◆ INSTRUCTIONS FOR THE TASK ◆
Copy out all lines from the entries below in which "Standard" occurs.

◆ MATERIAL FOR THIS TASK ◆
+ + + + + + +
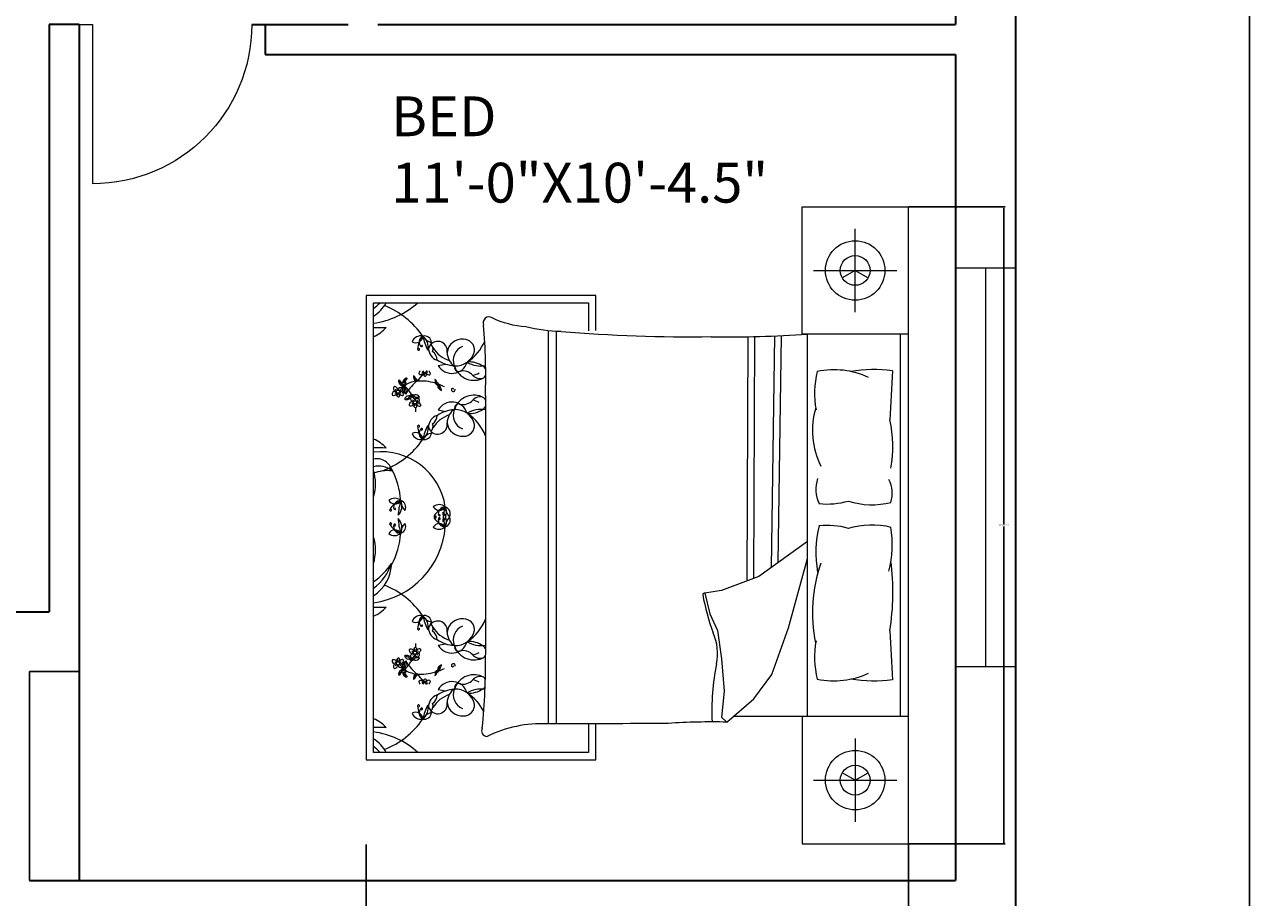
# Model space of a CAD drawing. Units: inches. Extents: x -59 to 444, y -680 to 63.
# Tile 8 of 9: x 260 to 444, y -306 to -175. Entities that reach past the tile are written whole.
import ezdxf

# ---------------------------------------------------------------- set-up
doc = ezdxf.new("R2010")
doc.units = ezdxf.units.IN
doc.header["$MEASUREMENT"] = 0
for name, color, linetype, lineweight in [('A-ANNO-DIMS', 2, 'Continuous', 18), ('A-AREA-IDEN', 7, 'Continuous', 18), ('A-DOOR', 3, 'Continuous', 18), ('A-FLOR-EVTR', 7, 'Continuous', 30), ('A-FURN', 8, 'Continuous', 13), ('A-GLAZ', 4, 'Continuous', 18), ('A-WALL', 7, 'Continuous', 35)]:
    doc.layers.add(name, color=color, linetype=linetype, lineweight=lineweight)
doc.styles.get("Standard").update_dxf_attribs({"font": 'arial.ttf'})
doc.dimstyles.get("Standard").update_dxf_attribs({"dimtxt": 0.18, "dimasz": 0.18, "dimexe": 0.18, "dimexo": 0.0625, "dimgap": 0.09, "dimtad": 0, "dimtih": 1, "dimtoh": 1, "dimdec": 0, "dimzin": 0, "dimdsep": 46, "dimlunit": 3, "dimtxsty": 'Standard', "dimcen": 0.09, "dimadec": 0, "dimazin": 0, "dimtfac": 1, "dimtdec": 0, "dimtofl": 0, "dimtmove": 0, "dimatfit": 3, "dimfxl": 1, "dimtolj": 1, "dimtzin": 0, "dimarcsym": 0})

# ---------------------------------------------------------------- blocks, each defined once
blk = doc.blocks.new('BED-SET-82')
for p, q in [((81.66, 0), (81.66, 96.02)), ((73.65, 80.14), (73.65, 92.69)), ((67.38, 86.42), (79.93, 86.42)), ((0, 82.67), (0, 12.67)), ((34.59, 82.67), (0, 82.67)), ((1.11, 81.56), (33.48, 81.56)), ((1.11, 13.79), (1.11, 81.56)), ((33.48, 81.56), (33.48, 77.33)), ((34.59, 77.35), (34.59, 82.67)), ((27.4, 77.34), (27.4, 18.1)), ((28.6, 77.25), (28.6, 18.1)), ((57.5, 76.47), (57.35, 39.63)), ((58.49, 76.47), (58.34, 40.01)), ((61.51, 76.52), (61.02, 41.65)), ((62.49, 76.56), (62.01, 42.37)), ((66.48, 19.2), (66.48, 76.81)), ((80.42, 76.81), (80.42, 19.2)), ((10.85, 72.1), (11.93, 72.31)), ((17.97, 67.5), (17.97, 28.52)), ((10.85, 65.39), (11.93, 65.18)), ((66.48, 45.58), (59.16, 40.32)), ((63.63, 32.54), (66.48, 43.01)), ((59.16, 40.32), (53.52, 38.18)), ((53.52, 38.18), (51, 37.79)), ((51, 37.79), (51.77, 34.68)), ((51.77, 34.68), (52.94, 32.15)), ((52.94, 32.15), (53.52, 27.87)), ((61.1, 25.54), (63.63, 32.54)), ((10.85, 29.96), (11.93, 30.17)), ((53.52, 27.87), (53.91, 23.01)), ((58.38, 21.84), (61.1, 25.54)), ((10.85, 23.25), (11.93, 23.04)), ((53.91, 23.01), (53.52, 19.12)), ((54.3, 18.34), (58.38, 21.84)), ((53.52, 19.12), (54.3, 18.34)), ((81.66, 19.2), (55.3, 19.2)), ((33.48, 18.1), (33.48, 13.79)), ((34.59, 12.67), (34.59, 18.1)), ((73.65, 15.87), (73.65, 3.33)), ((33.48, 13.79), (1.11, 13.79)), ((0, 12.67), (34.59, 12.67)), ((67.38, 9.6), (79.93, 9.6))]:
    blk.add_line(p, q)
for points in [[(81.66, 76.81), (65.65, 76.81), (65.65, 96.02), (81.66, 96.02)], [(73.65, 86.42), (71.71, 85.3)], [(73.65, 86.42), (75.6, 85.3)], [(65.65, 19.2), (65.65, 0), (81.66, 0)], [(73.65, 9.6), (71.71, 10.72)], [(73.65, 9.6), (75.6, 10.72)]]:
    blk.add_lwpolyline(points)
for points in [[(29.36, 77.22, -0.056112), (24.07, 77.92, -0.095341), (18.98, 79.27)], [(79.26, 71.3, 0.074897), (72.99, 71.18, -0.472817)], [(72.64, 51.66, 0.14099), (79.04, 51.47, 0.235245)], [(72.64, 47.56, -0.14099), (79.04, 47.75, -0.235245)], [(79.26, 24.72, -0.074897), (72.99, 24.83, 0.472817)], [(45.51, 18.14, -0.001242), (27.29, 18.1, 0.127202), (18.21, 16.17)]]:
    blk.add_lwpolyline(points, format="xyb")
for centre, radius in [((73.65, 86.42), 4.48), ((73.65, 86.42), 2.24), ((4.79, 68.15), 0.245), ((7.37, 66.55), 0.245), ((7.37, 28.8), 0.245), ((4.79, 27.2), 0.245), ((73.65, 9.6), 4.48), ((73.65, 9.6), 2.24)]:
    blk.add_circle(centre, radius)
for centre, radius, start, end in [((-2.26, 84.61), 6.11, 303.4617, 330.1116), ((-3.4, 86.8), 7.61, 306.3036, 316.4814), ((-0.58, 90.9), 12.54, 277.745, 311.8856), ((-1.82, 69.44), 12.54, 34.3865, 68.5908), ((-0.84, 81.18), 5.1, 292.5547, 318.9546), ((1.9, 95.15), 17.35, 267.4081, 273.6519), ((18.5, 78.54), 0.875, 56.1736, 203.4781), ((-75.42, 70.44), 93.43, 358.1965, 4.7598), ((8.23, 75.17), 1.39, 77.7115, 159.0387), ((7.48, 76.56), 1.05, 238.4633, 358.2869), ((10.92, 74.44), 3.17, 138.8402, 177.9352), ((9.01, 75.62), 1.03, 117.6827, 223.7762), ((8.78, 75.52), 1.04, 2.9516, 103.728), ((17.09, 78.43), 8.77, 192.5173, 207.1824), ((7.37, 74.92), 1.98, 345.4653, 54.2343), ((10.36, 77.64), 2.14, 211.3827, 255.2969), ((14.47, 73.77), 2.29, 84.9449, 172.8857), ((14.7, 74.43), 1.62, 354.4856, 91.0538), ((48.48, 301.47), 225.05, 265.1265, 270.8855), ((54.75, 248.94), 172.53, 269.0718, 273.9), ((7.9, 74.55), 0.156, 177.9352, 11.4834), ((7.98, 74.56), 0.0756, 11.4834, 127.9409), ((8.42, 75.02), 0.0817, 223.7729, 159.7333), ((11.2, 74.64), 1.8, 175.969, 254.3045), ((10.77, 74.3), 1.44, 350.264, 160.8688), ((9.21, 74.59), 0.883, 333.9755, 53.2681), ((8.81, 72.7), 1.92, 6.1662, 51.5825), ((13.94, 77.15), 4.53, 211.2614, 251.7045), ((14.98, 74.17), 2.79, 182.3591, 234.0401), ((15.34, 72.87), 2.23, 111.5819, 201.4221), ((13.5, 74.93), 2.89, 265.2933, 346.921), ((11.21, 78.67), 7.27, 303.6671, 336.3547), ((13.58, 77.2), 5.15, 236.2883, 266.5076), ((12.92, 73.29), 2.39, 209.9085, 343.1337), ((17.26, 76), 3.98, 238.8218, 280.751), ((15.53, 68.93), 3.7, 55.785, 94.7304), ((9.85, 70.48), 2.71, 178.3264, 187.1302), ((6.92, 70.1), 0.504, 11.3256, 64.4621), ((8.63, 70.83), 1.52, 190.2588, 210.656), ((1.42, 76.4), 9.12, 313.1541, 322.0459), ((8.12, 70.92), 0.188, 142.4737, 265.053), ((8.37, 70.96), 0.404, 127.7621, 169.0403), ((8.15, 71.3), 0.568, 265.053, 338.3618), ((8.91, 70.52), 0.742, 113.4276, 137.6104), ((8.82, 71.29), 0.245, 183.2768, 356.7232), ((9, 70.85), 0.4, 139.7889, 227.6792), ((8.87, 70.71), 0.211, 227.6792, 350.3487), ((8.06, 70.86), 0.801, 353.0852, 15.7171), ((8.58, 70.76), 0.506, 350.3487, 43.6538), ((9.52, 71.28), 0.588, 198.7263, 262.5032), ((9.05, 71.01), 0.234, 1.1081, 91.8675), ((9.49, 70.88), 0.189, 255.2356, 54.9248), ((9.2, 70.95), 0.408, 11.5637, 52.6358), ((13.92, 71.78), 0.596, 167.3041, 285.1471), ((15.53, 68.93), 3.7, 122.7011, 126.3445), ((16.23, 72.92), 3.06, 199.2822, 299.1751), ((14.59, 69.3), 1.97, 41.5653, 105.1471), ((15.67, 73.38), 2.76, 277.436, 299.9149), ((17.14, 71.56), 1.44, 221.5653, 293.8354), ((16.91, 71.07), 1.16, 17.4186, 52.325), ((16.91, 71.07), 1.16, 314.4517, 343.3657), ((80.39, 67.87), 12.87, 165.1039, 191.0369), ((70.47, 59.07), 12.38, 65.1316, 101.7583), ((993.04, 18.37), 915.3, 176.68521, 177.14978), ((4.6, 68.65), 0.483, 157.4086, 261.4386), ((4.33, 68.67), 0.242, 58.0499, 135.6268), ((4.58, 68.51), 0.162, 172.906, 277.132), ((4.05, 68.22), 0.771, 14.7558, 58.0499), ((5.13, 68.42), 0.333, 36.1046, 181.4281), ((5.15, 69.73), 0.273, 124.3538, 214.3923), ((5.55, 69.69), 0.637, 190.3057, 287.1958), ((4.94, 68.68), 0.337, 270.0645, 331.1507), ((5.73, 69.92), 0.739, 176.9701, 248.2913), ((11.01, 73.81), 7.14, 212.6784, 216.3746), ((5.22, 68.46), 0.24, 263.7526, 41.7054), ((5.48, 69.74), 0.283, 216.3746, 291.7548), ((7.98, 65.77), 3.99, 124.0033, 132.4917), ((3.88, 65.27), 4.26, 63.7819, 68.2913), ((6.16, 68.55), 0.678, 128.3208, 208.8162), ((6.16, 69.54), 0.637, 122.8155, 187.3992), ((5.67, 69.28), 0.213, 289.3605, 111.7548), ((5.83, 69.28), 0.213, 221.8703, 44.2646), ((6.79, 68.66), 1.11, 157.2305, 229.0635), ((6.44, 69.46), 0.739, 109.4799, 177.6828), ((6.42, 69.03), 0.656, 174.4544, 220.6188), ((2.69, 65.36), 4.78, 30.544, 49.818), ((6.04, 69.93), 0.273, 56.8636, 146.9021), ((6.18, 69.63), 0.283, 148.8844, 224.2646), ((5.32, 68.09), 0.788, 340.0041, 40.6188), ((12.05, 66.08), 7.14, 145.1882, 148.8844), ((7.98, 65.77), 3.99, 94.756, 119.2041), ((16.47, 60.04), 13.12, 132.2412, 142.1744), ((7.62, 70.21), 0.461, 188.3432, 274.2869), ((8.02, 70.46), 0.805, 210.656, 242.6341), ((8.63, 71.15), 1.54, 218.2101, 226.3071), ((7.49, 69.86), 0.196, 325.7657, 67.4417), ((8.18, 61.81), 7.95, 73.5842, 93.8277), ((13.08, 69.9), 2.71, 178.3264, 187.1302), ((10.15, 69.53), 0.504, 11.3256, 64.4621), ((11.87, 70.25), 1.52, 190.2588, 210.656), ((10.85, 69.64), 0.461, 188.3432, 274.2869), ((11.25, 69.89), 0.805, 210.656, 242.6341), ((11.86, 70.58), 1.54, 218.2101, 226.3071), ((10.72, 69.29), 0.196, 325.7657, 67.4417), ((11.27, 68.93), 0.461, 147.5332, 233.4768), ((11.69, 69.16), 0.805, 179.1859, 211.164), ((10.9, 68.98), 0.196, 354.3784, 96.0543), ((8.18, 61.81), 7.95, 63.0032, 69.8941), ((12.3, 69.53), 1.52, 211.164, 231.5612), ((12.56, 70.77), 2.71, 234.6898, 243.4936), ((12.58, 69.37), 1.54, 195.5129, 203.6099), ((10.85, 68.37), 0.504, 357.3579, 50.4944), ((13.02, 68.47), 0.185, 12.7051, 190.4384), ((13.13, 68.49), 0.301, 190.4384, 10.4136), ((4.09, 67.78), 0.188, 142.4737, 265.053), ((4.34, 67.82), 0.404, 61.2196, 169.0403), ((4.12, 68.16), 0.568, 265.053, 338.3618), ((4.88, 67.38), 0.742, 113.4276, 137.6104), ((4.97, 67.71), 0.4, 139.7889, 227.6792), ((4.84, 67.57), 0.211, 227.6792, 350.3487), ((4.03, 67.71), 0.801, 353.0852, 15.7171), ((4.55, 67.62), 0.506, 350.3487, 43.6538), ((5.49, 68.14), 0.588, 198.7263, 262.5032), ((5.22, 68.6), 0.385, 221.8413, 265.7877), ((5.02, 67.87), 0.234, 1.1081, 91.8675), ((5.17, 67.81), 0.408, 11.5637, 86.365), ((5.46, 67.74), 0.189, 255.2356, 54.9248), ((6.28, 68.6), 0.81, 207.7043, 254.3516), ((5.75, 68.13), 1.11, 270.278, 342.111), ((6.5, 66.74), 0.788, 98.7227, 159.3375), ((6.1, 67.75), 0.81, 244.9899, 291.6373), ((6.28, 68.17), 0.656, 278.7227, 324.8872), ((6.16, 67.64), 0.678, 290.5253, 358.5375), ((6.91, 66.22), 0.404, 61.2196, 169.0403), ((7.18, 67.05), 0.483, 157.4086, 261.4386), ((6.91, 67.07), 0.242, 58.0499, 135.6268), ((7.48, 67.83), 0.678, 182.8499, 266.1226), ((7.22, 68.31), 0.656, 231.7607, 277.9252), ((7.73, 68.42), 1.11, 214.5369, 286.3699), ((7.16, 66.91), 0.162, 172.906, 277.132), ((6.63, 66.62), 0.771, 14.7558, 58.0499), ((2.69, 65.36), 4.78, 23.0501, 23.8477), ((7.42, 66.88), 0.788, 37.3105, 97.9252), ((7.71, 66.82), 0.333, 36.1046, 181.4281), ((7.51, 67.96), 0.81, 265.0106, 311.658), ((7.51, 67.08), 0.337, 270.0645, 331.1507), ((7.8, 67), 0.385, 221.8413, 265.7877), ((7.8, 66.86), 0.24, 263.7526, 41.7054), ((7.75, 66.21), 0.408, 11.5637, 86.365), ((12.92, 64.2), 2.39, 16.8663, 150.0915), ((16.23, 64.57), 3.06, 60.8249, 160.7178), ((14.59, 68.19), 1.97, 254.8529, 318.4347), ((15.67, 64.11), 2.76, 60.0851, 82.564), ((17.14, 65.93), 1.44, 66.1646, 138.4347), ((16.91, 66.41), 1.16, 23.2856, 45.5483), ((6.67, 66.18), 0.188, 142.4737, 265.053), ((6.7, 66.56), 0.568, 265.053, 338.3618), ((7.45, 65.78), 0.742, 113.4276, 137.6104), ((7.55, 66.11), 0.4, 139.7889, 227.6792), ((7.42, 65.97), 0.211, 227.6792, 350.3487), ((6.6, 66.12), 0.801, 353.0852, 15.7171), ((2.69, 65.36), 4.78, 357.1071, 4.7585), ((7.13, 66.02), 0.506, 350.3487, 43.6538), ((8.07, 66.54), 0.588, 198.7263, 262.5032), ((7.6, 66.27), 0.234, 1.1081, 91.8675), ((8.04, 66.14), 0.189, 255.2356, 54.9248), ((13.58, 60.29), 5.15, 93.4924, 123.7117), ((14.98, 63.32), 2.79, 125.9599, 177.6409), ((15.34, 64.62), 2.23, 158.5779, 248.4181), ((13.5, 62.56), 2.89, 13.079, 94.7067), ((13.92, 65.71), 0.596, 74.8529, 192.6959), ((15.53, 68.56), 3.7, 233.6555, 237.2989), ((17.26, 61.49), 3.98, 79.7133, 121.1782), ((15.53, 68.56), 3.7, 265.2696, 304.215), ((11.21, 58.82), 7.27, 21.4941, 56.3329), ((16.91, 66.41), 1.16, 307.675, 336.7144), ((79.44, 62.32), 12.22, 163.8254, 206.1239), ((7.9, 62.94), 0.156, 348.5166, 182.0648), ((10.92, 63.05), 3.17, 182.0648, 221.1598), ((7.98, 62.92), 0.0756, 232.0591, 348.5166), ((7.37, 62.57), 1.98, 305.7657, 14.5347), ((17.09, 59.06), 8.77, 152.8176, 167.4827), ((11.2, 62.85), 1.8, 105.6955, 184.031), ((10.77, 63.19), 1.44, 199.1312, 9.736), ((9.21, 62.9), 0.883, 306.7319, 26.0245), ((8.81, 64.79), 1.92, 308.4175, 353.8338), ((13.94, 60.34), 4.53, 108.2955, 148.7386), ((14.47, 63.72), 2.29, 187.1143, 275.0551), ((14.7, 63.06), 1.62, 268.9462, 5.5144), ((62.46, 59.9), 16.88, 348.8159, 13.6573), ((-0.84, 56.3), 5.1, 41.0454, 67.4453), ((7.48, 60.93), 1.05, 1.7131, 121.5367), ((8.23, 62.32), 1.39, 200.9613, 282.2885), ((9.01, 61.87), 1.03, 136.2238, 242.3173), ((8.36, 62.49), 0.136, 200.2817, 136.2238), ((8.78, 61.97), 1.04, 256.272, 357.0484), ((10.36, 59.85), 2.14, 104.7031, 148.6173), ((1.9, 42.34), 17.35, 86.3481, 92.5919), ((-1.82, 68.04), 12.54, 291.4092, 325.6135), ((2.32, 49.39), 9.7, 8.1803, 97.1364), ((1.64, 55.79), 2.25, 10.9261, 103.6102), ((1.95, 54.1), 2.85, 48.0951, 107.1391), ((-5.48, 54.26), 6.89, 343.5431, 17.0202), ((3.2, 50.64), 5.61, 83.3805, 111.883), ((-7.29, 50.75), 12.54, 4.4623, 27.4146), ((72.82, 53.43), 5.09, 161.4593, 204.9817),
+ + + + + + +
◆ EXERCISE RESPONSE ◆
doc.styles.get("Standard").update_dxf_attribs({"font": 'arial.ttf'})
doc.dimstyles.get("Standard").update_dxf_attribs({"dimtxt": 0.18, "dimasz": 0.18, "dimexe": 0.18, "dimexo": 0.0625, "dimgap": 0.09, "dimtad": 0, "dimtih": 1, "dimtoh": 1, "dimdec": 0, "dimzin": 0, "dimdsep": 46, "dimlunit": 3, "dimtxsty": 'Standard', "dimcen": 0.09, "dimadec": 0, "dimazin": 0, "dimtfac": 1, "dimtdec": 0, "dimtofl": 0, "dimtmove": 0, "dimatfit": 3, "dimfxl": 1, "dimtolj": 1, "dimtzin": 0, "dimarcsym": 0})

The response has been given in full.